Data items:
§
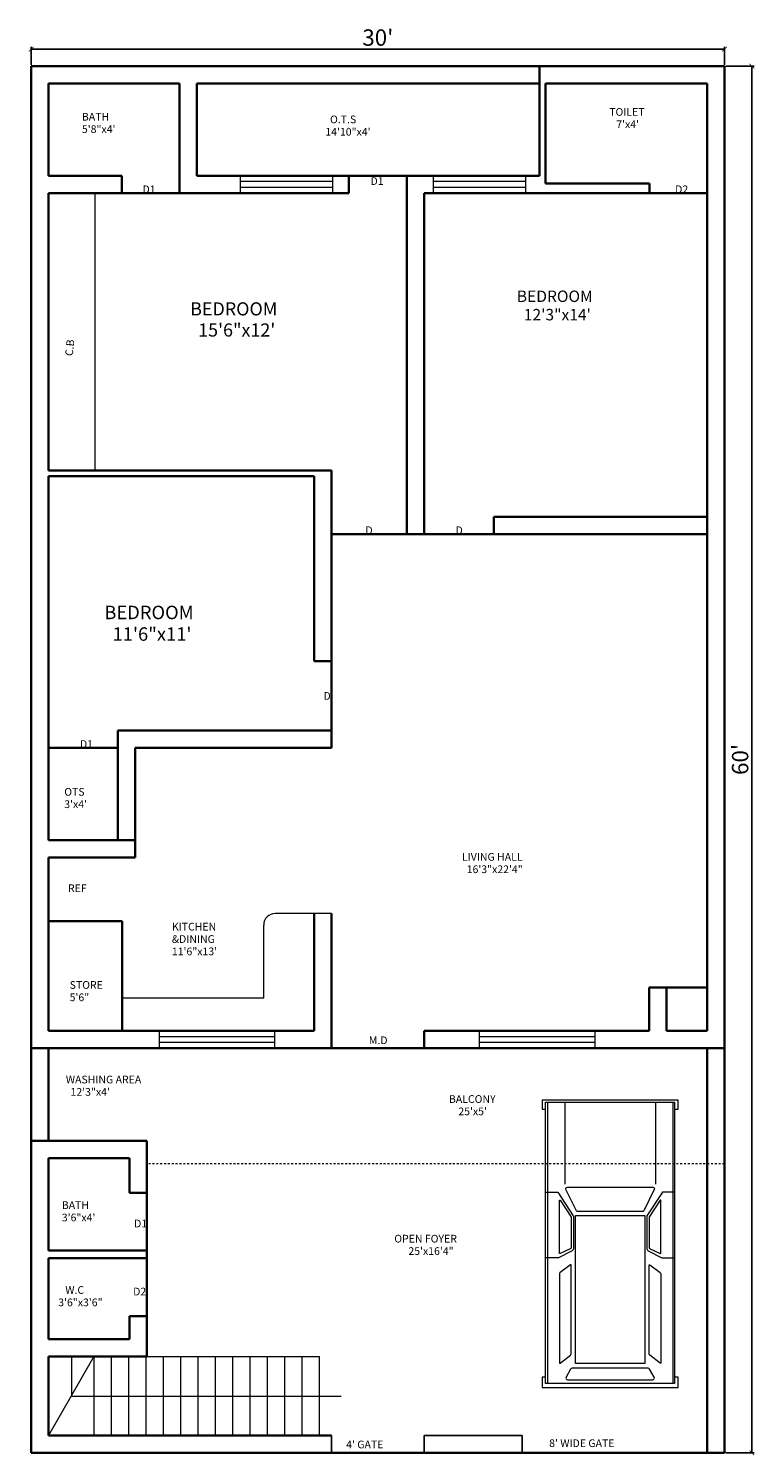
# Model space of a CAD drawing. Units: inches. Extents: x 3799 to 20199, y 1682 to 8087.
# Tile 15 of 30: x 10024 to 10401, y 5781 to 6522. Entities that reach past the tile are written whole.
import ezdxf

# ---------------------------------------------------------------- set-up
doc = ezdxf.new("R2010")
doc.units = ezdxf.units.IN
doc.linetypes.add('JIS_02_1.0', pattern=[2, 1, -1])
for name, color, linetype, lineweight in [('A-ANNO-DIMS', 2, 'Continuous', 18), ('A-ANNO-SYMB', 3, 'Continuous', 18), ('A-ANNO-TEXT', 7, 'Continuous', 18), ('A-AREA-IDEN', 7, 'Continuous', 18), ('A-FLOR-CASE', 32, 'Continuous', 18), ('A-FLOR-STRS', 41, 'Continuous', 18), ('A-GLAZ', 152, 'Continuous', 18), ('A-SITE-OVHD', 8, 'JIS_02_1.0', 18), ('A-SITE-VEHC', 8, 'Continuous', 13), ('A-WALL', 7, 'Continuous', 35), ('C-PROP', 7, 'Continuous', 25)]:
    doc.layers.add(name, color=color, linetype=linetype, lineweight=lineweight)
doc.styles.get("Standard").update_dxf_attribs({"font": 'arial.ttf'})
doc.dimstyles.new('ISO-25', dxfattribs={"dimtxt": 8.5, "dimasz": 2.5, "dimexe": 1.25, "dimexo": 0.625, "dimtad": 1, "dimdec": 0, "dimlunit": 3, "dimtxsty": 'Standard', "dimblk": 'ARCHTICK', "dimcen": 2.5, "dimadec": 0, "dimazin": 0, "dimtfac": 1, "dimtdec": 0, "dimtmove": 0, "dimatfit": 3, "dimfxl": 1, "dimarcsym": 0})

# ---------------------------------------------------------------- blocks, each defined once
blk = doc.blocks.new('_ArchTick')
at = {"color": 0, "linetype": 'ByBlock', "const_width": 0.15}
blk.add_lwpolyline([(-0.5, -0.5), (0.5, 0.5)], dxfattribs=at)
blk = doc.blocks.new('*D197')
at = {"layer": 'A-ANNO-DIMS', "color": 0, "lineweight": -2, "transparency": 16777216}
for p, q in [((10025.38, 6502.81), (10025.38, 6512.16)), ((10385.38, 6510.91), (10025.38, 6510.91)), ((10385.38, 6502.81), (10385.38, 6512.16))]:
    blk.add_line(p, q, dxfattribs=at)
at = {"layer": 'Defpoints', "color": 0, "transparency": 16777216}
for p in [(10025.38, 6510.91), (10025.38, 6502.19), (10385.38, 6502.19)]:
    blk.add_point(p, dxfattribs=at)
at = {"layer": 'A-ANNO-DIMS', "color": 0, "lineweight": -2, "transparency": 16777216, "xscale": 2.5, "yscale": 2.5, "zscale": 2.5, "rotation": 180}
blk.add_blockref('_ArchTick', (10025.38, 6510.91), dxfattribs=at)
at = {"layer": 'A-ANNO-DIMS', "color": 0, "lineweight": -2, "transparency": 16777216, "xscale": 2.5, "yscale": 2.5, "zscale": 2.5}
blk.add_blockref('_ArchTick', (10385.38, 6510.91), dxfattribs=at)
at = {"layer": 'A-ANNO-DIMS', "color": 0, "transparency": 16777216, "insert": (10205.38, 6515.88), "char_height": 8.5, "attachment_point": 5}
blk.add_mtext("30'", dxfattribs=at)
blk = doc.blocks.new('*D198')
at = {"layer": 'A-ANNO-DIMS', "color": 0, "lineweight": -2, "transparency": 16777216}
for p, q in [((10386.01, 6502.19), (10400.8, 6502.19)), ((10399.55, 5782.19), (10399.55, 6502.19)), ((10386.01, 5782.19), (10400.8, 5782.19))]:
    blk.add_line(p, q, dxfattribs=at)
at = {"layer": 'Defpoints', "color": 0, "transparency": 16777216}
for p in [(10385.38, 6502.19), (10399.55, 6502.19), (10385.38, 5782.19)]:
    blk.add_point(p, dxfattribs=at)
at = {"layer": 'A-ANNO-DIMS', "color": 0, "lineweight": -2, "transparency": 16777216, "xscale": 2.5, "yscale": 2.5, "zscale": 2.5}
for p, rotation in [((10399.55, 6502.19), 90), ((10399.55, 5782.19), 270)]:
    blk.add_blockref('_ArchTick', p, dxfattribs=dict(at, rotation=rotation))
at = {"layer": 'A-ANNO-DIMS', "color": 0, "transparency": 16777216, "insert": (10394.59, 6142.19), "char_height": 8.5, "attachment_point": 5, "rotation": 90}
blk.add_mtext("60'", dxfattribs=at)
blk = doc.blocks.new('*U199')
for p, q in [((1.28, 38.87), (175.66, 38.87)), ((1.28, 28.15), (52.13, 28.15)), ((1.28, -28.15), (52.13, -28.15)), ((1.28, -38.87), (175.66, -38.87))]:
    blk.add_line(p, q)
for points in [[(5.57, 40.01), (5.57, 42.18), (0, 42.18), (0, -42.18), (5.57, -42.18), (5.57, -40.01), (1.28, -40.01), (1.28, 40.01)], [(1.28, 40.01), (175.66, 40.01), (175.66, -40.01), (1.28, -40.01)], [(171.74, 40.01), (175.66, 40.01), (175.66, -40.01), (171.74, -40.01), (171.74, -42.18), (178.14, -42.18), (178.14, 42.18), (171.74, 42.18)], [(71.47, 21.48), (163.42, 21.48), (163.42, -21.48), (71.47, -21.48)]]:
    blk.add_lwpolyline(points, close=True)
for points in [[(57.15, 40.01), (57.15, 32.39), (71.72, 22.83, 0.086577), (72.56, 22.68), (91.59, 22.68, 0.227875), (93.54, 23.62), (97.72, 32.11), (97.72, 40.01)], [(57.15, -40.01), (57.15, -32.39), (71.72, -22.83, -0.086577), (72.56, -22.68), (91.59, -22.68, -0.227875), (93.54, -23.62), (97.72, -32.11), (97.72, -40.01)]]:
    blk.add_lwpolyline(points, format="xyb")
for points in [[(55.49, 27.42), (68.59, 20.89, -0.284287), (69.14, 19.99), (69.14, -19.99, -0.284287), (68.59, -20.89), (55.49, -27.42, -0.557284), (54.05, -26.53), (54.05, 26.53, -0.557284)], [(62.08, 30.95), (72.14, 24.35, 0.146139), (72.69, 24.18), (91.42, 24.18, 0.29766), (92.33, 24.78), (95.09, 31.05, 0.541236), (94.86, 31.41), (62.21, 31.41, 0.744989)], [(102.19, 24.58), (106.97, 31, -0.236929), (107.78, 31.41), (162.91, 31.41, -0.621576), (163.11, 31), (158.19, 24.58, -0.233368), (157.39, 24.18), (102.39, 24.18, -0.616908)], [(171.88, 27.31), (166.83, 24.47, 0.271143), (166.32, 23.6), (166.32, -23.6, 0.271143), (166.83, -24.47), (171.88, -27.31, 0.573387), (173.37, -26.44), (173.37, 26.44, 0.573387)], [(62.08, -30.95), (72.14, -24.35, -0.146139), (72.69, -24.18), (91.42, -24.18, -0.29766), (92.33, -24.78), (95.09, -31.05, -0.541236), (94.86, -31.41), (62.21, -31.41, -0.744989)], [(102.19, -24.58), (106.97, -31, 0.236929), (107.78, -31.41), (162.91, -31.41, 0.621576), (163.11, -31), (158.19, -24.58, 0.233368), (157.39, -24.18), (102.39, -24.18, 0.616908)]]:
    blk.add_lwpolyline(points, format="xyb", close=True)
blk = doc.blocks.new('WIN-48IN-9IN-FRAME')
for p, q in [((0, 0), (0, 9)), ((48, 0), (48, 9)), ((48, 6), (0, 6)), ((48, 3), (0, 3))]:
    blk.add_line(p, q)
blk = doc.blocks.new('WIN-60IN-9IN-FRAME')
for p, q in [((0, 9), (0, 0)), ((60, 9), (60, 0)), ((60, 6), (0, 6)), ((60, 3), (0, 3))]:
    blk.add_line(p, q)

msp = doc.modelspace()

# ---------------------------------------------------------------- linework, layer by layer
at = {"layer": 'A-FLOR-CASE'}
for p, q in [((10058.38, 6436.19), (10058.38, 6292.19)), ((10181.38, 6062.18), (10152.09, 6062.18)), ((10146.09, 6018.49), (10146.09, 6056.18)), ((10072.53, 6018.49), (10146.09, 6018.49))]:
    msp.add_line(p, q, dxfattribs=at)
msp.add_arc((10152.09, 6056.18), 6, 90, 180, dxfattribs=at)
at = {"layer": 'A-FLOR-STRS'}
for p, q in [((10057.88, 5832.19), (10034.38, 5791.19)), ((10046.25, 5832.19), (10046.25, 5811.65)), ((10057.88, 5832.19), (10057.88, 5791.19)), ((10066.88, 5832.19), (10066.88, 5791.19)), ((10075.88, 5832.19), (10075.88, 5791.19)), ((10084.88, 5832.19), (10084.88, 5791.19)), ((10085.38, 5832.19), (10174.88, 5832.19)), ((10093.88, 5832.19), (10093.88, 5791.19)), ((10102.88, 5832.19), (10102.88, 5791.19)), ((10111.88, 5832.19), (10111.88, 5791.19)), ((10120.88, 5832.19), (10120.88, 5791.19)), ((10129.88, 5832.19), (10129.88, 5791.19)), ((10138.88, 5832.19), (10138.88, 5791.19)), ((10147.88, 5832.19), (10147.88, 5791.19)), ((10156.88, 5832.19), (10156.88, 5791.19)), ((10165.88, 5832.19), (10165.88, 5791.19)), ((10174.88, 5832.19), (10174.88, 5791.19)), ((10046.25, 5811.65), (10186.37, 5811.65))]:
    msp.add_line(p, q, dxfattribs=at)
at = {"layer": 'A-SITE-OVHD'}
msp.add_line((10385.38, 5932.19), (10085.38, 5932.19), dxfattribs=at)
at = {"layer": 'A-WALL'}
for p, q in [((10385.38, 6502.19), (10025.38, 6502.19)), ((10025.38, 6502.19), (10025.38, 5782.19)), ((10289.38, 6502.19), (10289.38, 6445.19)), ((10385.38, 5782.19), (10385.38, 6502.19)), ((10034.38, 6493.19), (10034.38, 6445.19)), ((10102.38, 6493.19), (10034.38, 6493.19)), ((10102.38, 6493.19), (10102.38, 6436.19)), ((10111.38, 6493.19), (10111.38, 6445.19)), ((10289.38, 6493.19), (10111.38, 6493.19)), ((10376.38, 6493.19), (10292.38, 6493.19)), ((10292.38, 6445.19), (10292.38, 6493.19)), ((10376.38, 6001.19), (10376.38, 6493.19)), ((10072.38, 6445.19), (10034.38, 6445.19)), ((10072.38, 6445.19), (10072.38, 6436.19)), ((10220.38, 6445.19), (10111.38, 6445.19)), ((10190.38, 6445.19), (10190.38, 6436.19)), ((10289.38, 6445.19), (10220.38, 6445.19)), ((10220.38, 6445.19), (10220.38, 6259.19)), ((10292.38, 6445.19), (10292.38, 6441.19)), ((10346.38, 6441.19), (10292.38, 6441.19)), ((10346.38, 6436.19), (10346.38, 6441.19)), ((10034.38, 6436.19), (10034.38, 6292.19)), ((10190.38, 6436.19), (10034.38, 6436.19)), ((10376.38, 6436.19), (10229.38, 6436.19)), ((10229.38, 6259.19), (10229.38, 6436.19)), ((10181.38, 6292.19), (10034.38, 6292.19)), ((10181.38, 6292.19), (10181.38, 6148.19)), ((10181.38, 6148.19), (10181.38, 6292.19)), ((10172.38, 6289.19), (10034.38, 6289.19)), ((10034.38, 6289.19), (10034.38, 6100.19)), ((10172.38, 6289.19), (10172.38, 6193.19)), ((10376.38, 6268.19), (10265.59, 6268.19)), ((10265.59, 6268.19), (10265.59, 6259.19)), ((10376.38, 6259.19), (10181.38, 6259.19)), ((10181.38, 6193.19), (10172.38, 6193.19)), ((10181.38, 6157.19), (10070.38, 6157.19)), ((10070.38, 6157.19), (10070.38, 6100.19)), ((10070.38, 6148.19), (10034.38, 6148.19)), ((10181.38, 6148.19), (10079.38, 6148.19)), ((10079.38, 6148.19), (10079.38, 6091.19)), ((10079.38, 6100.19), (10034.38, 6100.19)), ((10079.38, 6091.19), (10034.38, 6091.19)), ((10034.38, 6091.19), (10034.38, 6001.19)), ((10172.38, 6001.19), (10172.38, 6062.18)), ((10181.38, 5992.19), (10181.38, 6062.18)), ((10072.53, 6058.19), (10034.38, 6058.19)), ((10072.53, 6058.19), (10072.53, 6001.19)), ((10346.19, 6001.19), (10346.19, 6023.69)), ((10346.19, 6023.69), (10376.38, 6023.69)), ((10355.19, 6001.19), (10355.19, 6023.69)), ((10172.38, 6001.19), (10034.38, 6001.19)), ((10229.38, 6001.19), (10346.19, 6001.19)), ((10229.38, 5992.19), (10229.38, 6001.19)), ((10355.19, 6001.19), (10376.38, 6001.19)), ((10181.38, 5992.19), (10025.38, 5992.19)), ((10034.38, 5992.19), (10034.38, 5944.19)), ((10181.38, 5992.19), (10385.38, 5992.19)), ((10376.38, 5782.19), (10376.38, 5992.19)), ((10085.38, 5944.19), (10025.38, 5944.19)), ((10085.38, 5944.19), (10085.38, 5832.19)), ((10034.38, 5935.19), (10034.38, 5887.19)), ((10076.38, 5935.19), (10034.38, 5935.19)), ((10076.38, 5935.19), (10076.38, 5917.19)), ((10085.38, 5917.19), (10076.38, 5917.19)), ((10085.38, 5887.19), (10034.38, 5887.19)), ((10085.38, 5883.19), (10034.38, 5883.19)), ((10034.38, 5883.19), (10034.38, 5841.19)), ((10085.38, 5853.19), (10076.38, 5853.19)), ((10076.38, 5853.19), (10076.38, 5841.19)), ((10076.38, 5841.19), (10034.38, 5841.19)), ((10085.38, 5832.19), (10034.38, 5832.19)), ((10034.38, 5832.19), (10034.38, 5791.19)), ((10034.38, 5791.19), (10181.38, 5791.19)), ((10025.38, 5782.19), (10385.38, 5782.19))]:
    msp.add_line(p, q, dxfattribs=at)
at = {"layer": 'C-PROP'}
for p, q in [((10181.38, 5791.19), (10181.38, 5782.19)), ((10229.38, 5791.19), (10229.38, 5782.19)), ((10229.38, 5791.19), (10280.38, 5791.19)), ((10280.38, 5791.19), (10280.38, 5782.19))]:
    msp.add_line(p, q, dxfattribs=at)

# ---------------------------------------------------------------- block references
at = {"layer": 'A-GLAZ'}
for name, p in [('WIN-48IN-9IN-FRAME', (10133.99, 6436.19)), ('WIN-48IN-9IN-FRAME', (10234.22, 6436.19)), ('WIN-60IN-9IN-FRAME', (10091.79, 5992.19)), ('WIN-60IN-9IN-FRAME', (10258.05, 5992.19))]:
    msp.add_blockref(name, p, dxfattribs=at)
at = {"layer": 'A-SITE-VEHC', "xscale": 0.8372278023160408, "yscale": 0.8372278023160408, "zscale": 0.8372278023160408, "rotation": 270}
msp.add_blockref('*U199', (10325.98, 5965.31), dxfattribs=at)

# ---------------------------------------------------------------- texts
at = {"layer": 'A-ANNO-SYMB'}
for s, rotation, p in [('D1', 0.00111, (10083.16, 6436.19)), ('D1', 0.00111, (10201.56, 6440.47)), ('D2', 0.00111, (10359.74, 6436.19)), ('C.B', 84.30671, (10046.95, 6351.5)), ('D', 0.00111, (10198.92, 6259.19)), ('D', 0.00111, (10245.7, 6259.19)), ('D', 0.00111, (10177.15, 6173.14)), ('D1', 0.00111, (10050.69, 6148.19)), ('REF', 0.00111, (10044.46, 6073.31)), ('M.D', 0.00111, (10200.71, 5994.36)), ('D1', 0.00111, (10078.8, 5899.23)), ('D2', 0.00111, (10078.3, 5863.91))]:
    msp.add_text(s, height=4, rotation=rotation, dxfattribs=at).set_placement(p)
at = {"layer": 'A-ANNO-TEXT'}
for s, p in [("4' GATE", (10188.93, 5784.51)), ("8' WIDE GATE", (10294.33, 5785.17))]:
    msp.add_text(s, height=4, rotation=0.00111, dxfattribs=at).set_placement(p)
at = {"layer": 'A-AREA-IDEN'}
for s, height, p in [('BATH', 4, (10051.71, 6473.87)), ('  O.T.S', 4, (10178.11, 6472.49)), ('TOILET', 4, (10325.51, 6476.37)), ('5\'8"x4\'', 4, (10051.71, 6467.44)), ('14\'10"x4\'', 4, (10178.11, 6466.07)), ("   7'x4'", 4, (10325.51, 6469.95)), ('BEDROOM', 6.821, (10107.92, 6372.7)), ('BEDROOM', 5.939, (10277.53, 6379.69)), ('  12\'3"x14\'', 5.9387, (10277.53, 6370.15)), ('  15\'6"x12\'', 6.8213, (10107.92, 6361.74)), ('BEDROOM', 6.985, (10063.35, 6215.01)), ('  11\'6"x11\'', 6.9847, (10063.35, 6203.79)), ('OTS', 4, (10042.56, 6123.37)), ("3'x4'", 4, (10042.56, 6116.94)), ('LIVING HALL', 4, (10249.07, 6089.59)), ('  16\'3"x22\'4"', 4, (10249.07, 6083.17)), ('KITCHEN', 4, (10098.43, 6053.36)), ('&DINING', 4, (10098.43, 6046.93)), ('11\'6"x13\'', 4, (10098.43, 6040.51)), ('STORE', 4, (10045.34, 6023.09)), ('5\'6"', 4, (10045.34, 6016.67)), ('WASHING AREA', 4, (10043.36, 5973.99)), ('  12\'3"x4\'', 4, (10043.36, 5967.57)), ('BALCONY', 4, (10242.29, 5963.87)), ("    25'x5'", 4, (10242.29, 5957.45)), ('BATH', 4, (10041.28, 5908.79)), ('3\'6"x4\'', 4, (10041.28, 5902.36)), ('OPEN FOYER', 4, (10213.91, 5891.36)), ('      25\'x16\'4"', 4, (10213.91, 5884.93)), ('   W.C', 4, (10039.41, 5864.72)), ('3\'6"x3\'6"', 4, (10039.41, 5858.29))]:
    msp.add_text(s, height=height, rotation=0.00111, dxfattribs=at).set_placement(p)

# ---------------------------------------------------------------- dimensions: what is measured, and where the dimension line sits
at = {"layer": 'A-ANNO-DIMS'}
dim = msp.add_linear_dim(base=(10025.38, 6510.91), p1=(10385.38, 6502.19), p2=(10025.38, 6502.19), dimstyle='ISO-25', override={"dimclrd": 0, "dimclre": 0, "dimclrt": 0}, dxfattribs=at)
dim.commit()
dim.dimension.update_dxf_attribs({"geometry": '*D197', "text_midpoint": (10205.38, 6515.88)})
dim = msp.add_linear_dim(base=(10399.55, 6502.19), p1=(10385.38, 5782.19), p2=(10385.38, 6502.19), angle=90, dimstyle='ISO-25', override={"dimclrd": 0, "dimclre": 0, "dimclrt": 0}, dxfattribs=at)
dim.commit()
dim.dimension.update_dxf_attribs({"geometry": '*D198', "text_midpoint": (10394.59, 6142.19)})

doc.saveas('drawing.dxf')
§
* **Exercise**: Among the entries above, count the lines that contain the word "SYMB" and give the number by itself.

* **Solution to this exercise**: 2